== WORK ORDER ==
Repeat verbatim, and only, the lines of the data below, beginning at the line that contains "#70=ORIENTED_EDGE('',*,*,#69,.T.);" and stopping after the line that contains "#113=CARTESIAN_POINT('',(-33.315,-0.6729,11.415));".

== RECORDS FOR PROCESSING ==
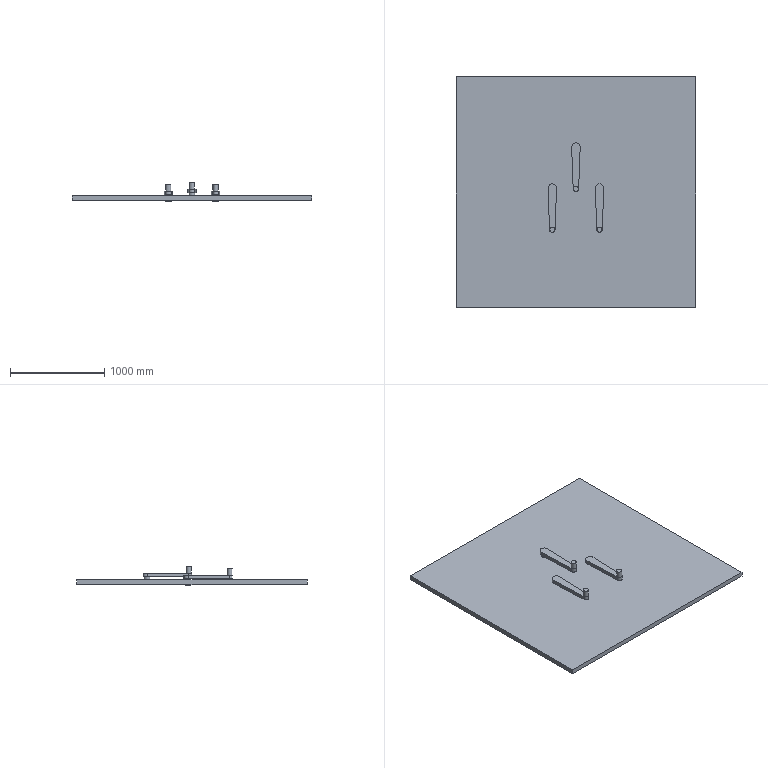Assembly | NX | mm | 4 component files | 4 solids | 39 faces | box 2530 x 2440 x 200 mm | volume 313761374 mm3 | plane 24 | cylinder 15 | commonest cylinder face diameters 60 x6 58 x3 90 x3 54 x3
Bill of materials:
unnamed part 1 | 1 |  | Flat, tapered arm with rounded ends. A solid cylindrical boss sticks up from the narrow end, and a slightly larger cylindrical boss sticks down from the wide end, on the opposite face.
unnamed part 2 | 1 |  | Flat, tapered arm with rounded ends. A solid cylindrical boss sticks up from the narrow end, and a slightly larger cylindrical boss sticks down from the wide end, on the opposite face.
unnamed part 3 | 1 |  | Thin, flat plate, square or nearly square, with three small round through-holes near the center arranged in a triangle.
unnamed part 4 | 1 |  | Flat, tapered arm with rounded ends. A solid cylindrical boss sticks up from the narrow end, and a slightly larger cylindrical boss sticks down from the wide end, on the opposite face.
Mates:
1. touch align | part_2 1 face | assembly face
2. concentric | part_2 1 nxobject | part_3 1 edge
3. concentric | part_2 1 nxobject | part_4 1 edge
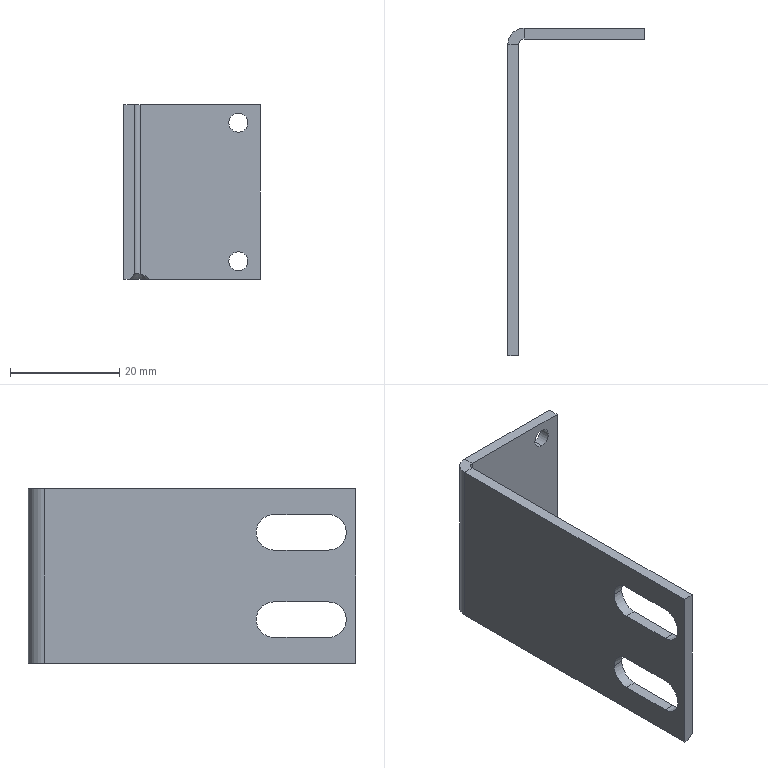Component | SolidWorks | 30-49A-1 | 1 solid | 30 faces | box 25 x 60 x 32 mm | volume 4796 mm3 | plane 17 | cylinder 12 | cone 1 | commonest cylinder face diameters 6.5 x6 3.5 x4 6 x1 2 x1
STEP:
#1=CARTESIAN_POINT('',(-33.473,1.02,11.797));
#2=VERTEX_POINT('',#1);
#3=CARTESIAN_POINT('',(-33.473,1.02,11.659));
#4=VERTEX_POINT('',#3);
#5=CARTESIAN_POINT('',(-33.473,1.02,11.728));
#6=DIRECTION('',(-0.,1.,-0.));
#7=DIRECTION('',(0.,0.,-1.));
#8=AXIS2_PLACEMENT_3D('',#5,#6,#7);
#9=CIRCLE('',#8,0.0689);
#10=EDGE_CURVE('',#2,#4,#9,.T.);
#11=ORIENTED_EDGE('',*,*,#10,.F.);
#12=CARTESIAN_POINT('',(-33.473,1.099,11.797));
#13=VERTEX_POINT('',#12);
#14=CARTESIAN_POINT('',(-33.473,1.099,11.797));
#15=DIRECTION('',(-0.,1.,-0.));
#16=VECTOR('',#15,39.37);
#17=LINE('',#14,#16);
#18=EDGE_CURVE('',#2,#13,#17,.T.);
#19=ORIENTED_EDGE('',*,*,#18,.T.);
#20=CARTESIAN_POINT('',(-33.473,1.099,11.659));
#21=VERTEX_POINT('',#20);
#22=CARTESIAN_POINT('',(-33.473,1.099,11.728));
#23=DIRECTION('',(-0.,1.,-0.));
#24=DIRECTION('',(0.,0.,-1.));
#25=AXIS2_PLACEMENT_3D('',#22,#23,#24);
#26=CIRCLE('',#25,0.0689);
#27=EDGE_CURVE('',#13,#21,#26,.T.);
#28=ORIENTED_EDGE('',*,*,#27,.T.);
#29=CARTESIAN_POINT('',(-33.473,1.099,11.659));
#30=DIRECTION('',(-0.,1.,-0.));
#31=VECTOR('',#30,39.37);
#32=LINE('',#29,#31);
#33=EDGE_CURVE('',#4,#21,#32,.T.);
#34=ORIENTED_EDGE('',*,*,#33,.F.);
#35=EDGE_LOOP('',(#11,#19,#28,#34));
#36=FACE_OUTER_BOUND('',#35,.T.);
#37=CARTESIAN_POINT('',(-33.473,1.099,11.728));
#38=DIRECTION('',(-0.,1.,-0.));
#39=DIRECTION('',(0.,0.,-1.));
#40=AXIS2_PLACEMENT_3D('',#37,#38,#39);
#41=CYLINDRICAL_SURFACE('',#40,0.0689);
#42=ADVANCED_FACE('',(#36),#41,.F.);
#43=CARTESIAN_POINT('',(-33.473,1.02,10.797));
#44=VERTEX_POINT('',#43);
#45=CARTESIAN_POINT('',(-33.473,1.02,10.659));
#46=VERTEX_POINT('',#45);
#47=CARTESIAN_POINT('',(-33.473,1.02,10.728));
#48=DIRECTION('',(-0.,1.,-0.));
#49=DIRECTION('',(0.,0.,-1.));
#50=AXIS2_PLACEMENT_3D('',#47,#48,#49);
#51=CIRCLE('',#50,0.0689);
#52=EDGE_CURVE('',#44,#46,#51,.T.);
#53=ORIENTED_EDGE('',*,*,#52,.F.);
#54=CARTESIAN_POINT('',(-33.473,1.099,10.797));
#55=VERTEX_POINT('',#54);
#56=CARTESIAN_POINT('',(-33.473,1.099,10.797));
#57=DIRECTION('',(-0.,1.,-0.));
#58=VECTOR('',#57,39.37);
#59=LINE('',#56,#58);
#60=EDGE_CURVE('',#44,#55,#59,.T.);
#61=ORIENTED_EDGE('',*,*,#60,.T.);
#62=CARTESIAN_POINT('',(-33.473,1.099,10.659));
#63=VERTEX_POINT('',#62);
#64=CARTESIAN_POINT('',(-33.473,1.099,10.728));
#65=DIRECTION('',(-0.,1.,-0.));
#66=DIRECTION('',(0.,0.,-1.));
#67=AXIS2_PLACEMENT_3D('',#64,#65,#66);
#68=CIRCLE('',#67,0.0689);
#69=EDGE_CURVE('',#55,#63,#68,.T.);
#70=ORIENTED_EDGE('',*,*,#69,.T.);
#71=CARTESIAN_POINT('',(-33.473,1.099,10.659));
#72=DIRECTION('',(-0.,1.,-0.));
#73=VECTOR('',#72,39.37);
#74=LINE('',#71,#73);
#75=EDGE_CURVE('',#46,#63,#74,.T.);
#76=ORIENTED_EDGE('',*,*,#75,.F.);
#77=EDGE_LOOP('',(#53,#61,#70,#76));
#78=FACE_OUTER_BOUND('',#77,.T.);
#79=CARTESIAN_POINT('',(-33.473,1.099,10.728));
#80=DIRECTION('',(-0.,1.,-0.));
#81=DIRECTION('',(0.,0.,-1.));
#82=AXIS2_PLACEMENT_3D('',#79,#80,#81);
#83=CYLINDRICAL_SURFACE('',#82,0.0689);
#84=ADVANCED_FACE('',(#78),#83,.F.);
#85=CARTESIAN_POINT('',(-34.221,-0.5449,11.543));
#86=VERTEX_POINT('',#85);
#87=CARTESIAN_POINT('',(-34.221,-0.6729,11.415));
#88=VERTEX_POINT('',#87);
#89=CARTESIAN_POINT('',(-34.221,-0.6729,11.543));
#90=DIRECTION('',(-1.,-0.,0.));
#91=DIRECTION('',(0.,1.,0.));
#92=AXIS2_PLACEMENT_3D('',#89,#90,#91);
#93=CIRCLE('',#92,0.128);
#94=EDGE_CURVE('',#86,#88,#93,.T.);
#95=ORIENTED_EDGE('',*,*,#94,.F.);
#96=CARTESIAN_POINT('',(-34.3,-0.5449,11.543));
#97=VERTEX_POINT('',#96);
#98=CARTESIAN_POINT('',(-33.315,-0.5449,11.543));
#99=DIRECTION('',(-1.,-0.,0.));
#100=VECTOR('',#99,39.37);
#101=LINE('',#98,#100);
#102=EDGE_CURVE('',#86,#97,#101,.T.);
#103=ORIENTED_EDGE('',*,*,#102,.T.);
#104=CARTESIAN_POINT('',(-34.3,-0.6729,11.415));
#105=VERTEX_POINT('',#104);
#106=CARTESIAN_POINT('',(-34.3,-0.6729,11.543));
#107=DIRECTION('',(-1.,-0.,0.));
#108=DIRECTION('',(0.,1.,0.));
#109=AXIS2_PLACEMENT_3D('',#106,#107,#108);
#110=CIRCLE('',#109,0.128);
#111=EDGE_CURVE('',#97,#105,#110,.T.);
#112=ORIENTED_EDGE('',*,*,#111,.T.);
#113=CARTESIAN_POINT('',(-33.315,-0.6729,11.415));
#114=DIRECTION('',(-1.,-0.,0.));
#115=VECTOR('',#114,39.37);
#116=LINE('',#113,#115);
#117=EDGE_CURVE('',#88,#105,#116,.T.);
#118=ORIENTED_EDGE('',*,*,#117,.F.);
#119=EDGE_LOOP('',(#95,#103,#112,#118));
#120=FACE_OUTER_BOUND('',#119,.T.);
#121=CARTESIAN_POINT('',(-33.315,-0.6729,11.543));
#122=DIRECTION('',(-1.,-0.,0.));
#123=DIRECTION('',(0.,1.,0.));
#124=AXIS2_PLACEMENT_3D('',#121,#122,#123);
#125=CYLINDRICAL_SURFACE('',#124,0.128);
#126=ADVANCED_FACE('',(#120),#125,.F.);
#127=CARTESIAN_POINT('',(-34.221,-0.5449,10.913));
#128=VERTEX_POINT('',#127);
#129=CARTESIAN_POINT('',(-34.221,-0.6729,10.785));
#130=VERTEX_POINT('',#129);
#131=CARTESIAN_POINT('',(-34.221,-0.6729,10.913));
#132=DIRECTION('',(-1.,-0.,0.));
#133=DIRECTION('',(0.,1.,0.));
#134=AXIS2_PLACEMENT_3D('',#131,#132,#133);
#135=CIRCLE('',#134,0.128);
#136=EDGE_CURVE('',#128,#130,#135,.T.);
#137=ORIENTED_EDGE('',*,*,#136,.F.);
#138=CARTESIAN_POINT('',(-34.3,-0.5449,10.913));
#139=VERTEX_POINT('',#138);
#140=CARTESIAN_POINT('',(-33.315,-0.5449,10.913));
#141=DIRECTION('',(-1.,-0.,0.));
#142=VECTOR('',#141,39.37);
#143=LINE('',#140,#142);
#144=EDGE_CURVE('',#128,#139,#143,.T.);
#145=ORIENTED_EDGE('',*,*,#144,.T.);
#146=CARTESIAN_POINT('',(-34.3,-0.6729,10.785));
#147=VERTEX_POINT('',#146);
#148=CARTESIAN_POINT('',(-34.3,-0.6729,10.913));
#149=DIRECTION('',(-1.,-0.,0.));
#150=DIRECTION('',(0.,-1.,0.));
#151=AXIS2_PLACEMENT_3D('',#148,#149,#150);
#152=CIRCLE('',#151,0.128);
#153=EDGE_CURVE('',#139,#147,#152,.T.);
#154=ORIENTED_EDGE('',*,*,#153,.T.);
#155=CARTESIAN_POINT('',(-33.315,-0.6729,10.785));
#156=DIRECTION('',(-1.,-0.,0.));
#157=VECTOR('',#156,39.37);
#158=LINE('',#155,#157);
#159=EDGE_CURVE('',#130,#147,#158,.T.);
#160=ORIENTED_EDGE('',*,*,#159,.F.);
#161=EDGE_LOOP('',(#137,#145,#154,#160));
#162=FACE_OUTER_BOUND('',#161,.T.);
#163=CARTESIAN_POINT('',(-33.315,-0.6729,10.913));
#164=DIRECTION('',(-1.,-0.,0.));
#165=DIRECTION('',(0.,1.,0.));
#166=AXIS2_PLACEMENT_3D('',#163,#164,#165);
#167=CYLINDRICAL_SURFACE('',#166,0.128);
#168=ADVANCED_FACE('',(#162),#167,.F.);
#169=CARTESIAN_POINT('',(-34.181,1.059,10.598));
#170=VERTEX_POINT('',#169);
#171=CARTESIAN_POINT('',(-34.181,1.099,10.598));
#172=VERTEX_POINT('',#171);
#173=CARTESIAN_POINT('',(-34.181,1.02,10.598));
#174=DIRECTION('',(-0.,1.,-0.));
#175=VECTOR('',#174,39.37);
#176=LINE('',#173,#175);
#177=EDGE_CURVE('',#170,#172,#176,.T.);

== TASK ANSWER ==
#70=ORIENTED_EDGE('',*,*,#69,.T.);
#71=CARTESIAN_POINT('',(-33.473,1.099,10.659));
#72=DIRECTION('',(-0.,1.,-0.));
#73=VECTOR('',#72,39.37);
#74=LINE('',#71,#73);
#75=EDGE_CURVE('',#46,#63,#74,.T.);
#76=ORIENTED_EDGE('',*,*,#75,.F.);
#77=EDGE_LOOP('',(#53,#61,#70,#76));
#78=FACE_OUTER_BOUND('',#77,.T.);
#79=CARTESIAN_POINT('',(-33.473,1.099,10.728));
#80=DIRECTION('',(-0.,1.,-0.));
#81=DIRECTION('',(0.,0.,-1.));
#82=AXIS2_PLACEMENT_3D('',#79,#80,#81);
#83=CYLINDRICAL_SURFACE('',#82,0.0689);
#84=ADVANCED_FACE('',(#78),#83,.F.);
#85=CARTESIAN_POINT('',(-34.221,-0.5449,11.543));
#86=VERTEX_POINT('',#85);
#87=CARTESIAN_POINT('',(-34.221,-0.6729,11.415));
#88=VERTEX_POINT('',#87);
#89=CARTESIAN_POINT('',(-34.221,-0.6729,11.543));
#90=DIRECTION('',(-1.,-0.,0.));
#91=DIRECTION('',(0.,1.,0.));
#92=AXIS2_PLACEMENT_3D('',#89,#90,#91);
#93=CIRCLE('',#92,0.128);
#94=EDGE_CURVE('',#86,#88,#93,.T.);
#95=ORIENTED_EDGE('',*,*,#94,.F.);
#96=CARTESIAN_POINT('',(-34.3,-0.5449,11.543));
#97=VERTEX_POINT('',#96);
#98=CARTESIAN_POINT('',(-33.315,-0.5449,11.543));
#99=DIRECTION('',(-1.,-0.,0.));
#100=VECTOR('',#99,39.37);
#101=LINE('',#98,#100);
#102=EDGE_CURVE('',#86,#97,#101,.T.);
#103=ORIENTED_EDGE('',*,*,#102,.T.);
#104=CARTESIAN_POINT('',(-34.3,-0.6729,11.415));
#105=VERTEX_POINT('',#104);
#106=CARTESIAN_POINT('',(-34.3,-0.6729,11.543));
#107=DIRECTION('',(-1.,-0.,0.));
#108=DIRECTION('',(0.,1.,0.));
#109=AXIS2_PLACEMENT_3D('',#106,#107,#108);
#110=CIRCLE('',#109,0.128);
#111=EDGE_CURVE('',#97,#105,#110,.T.);
#112=ORIENTED_EDGE('',*,*,#111,.T.);
#113=CARTESIAN_POINT('',(-33.315,-0.6729,11.415));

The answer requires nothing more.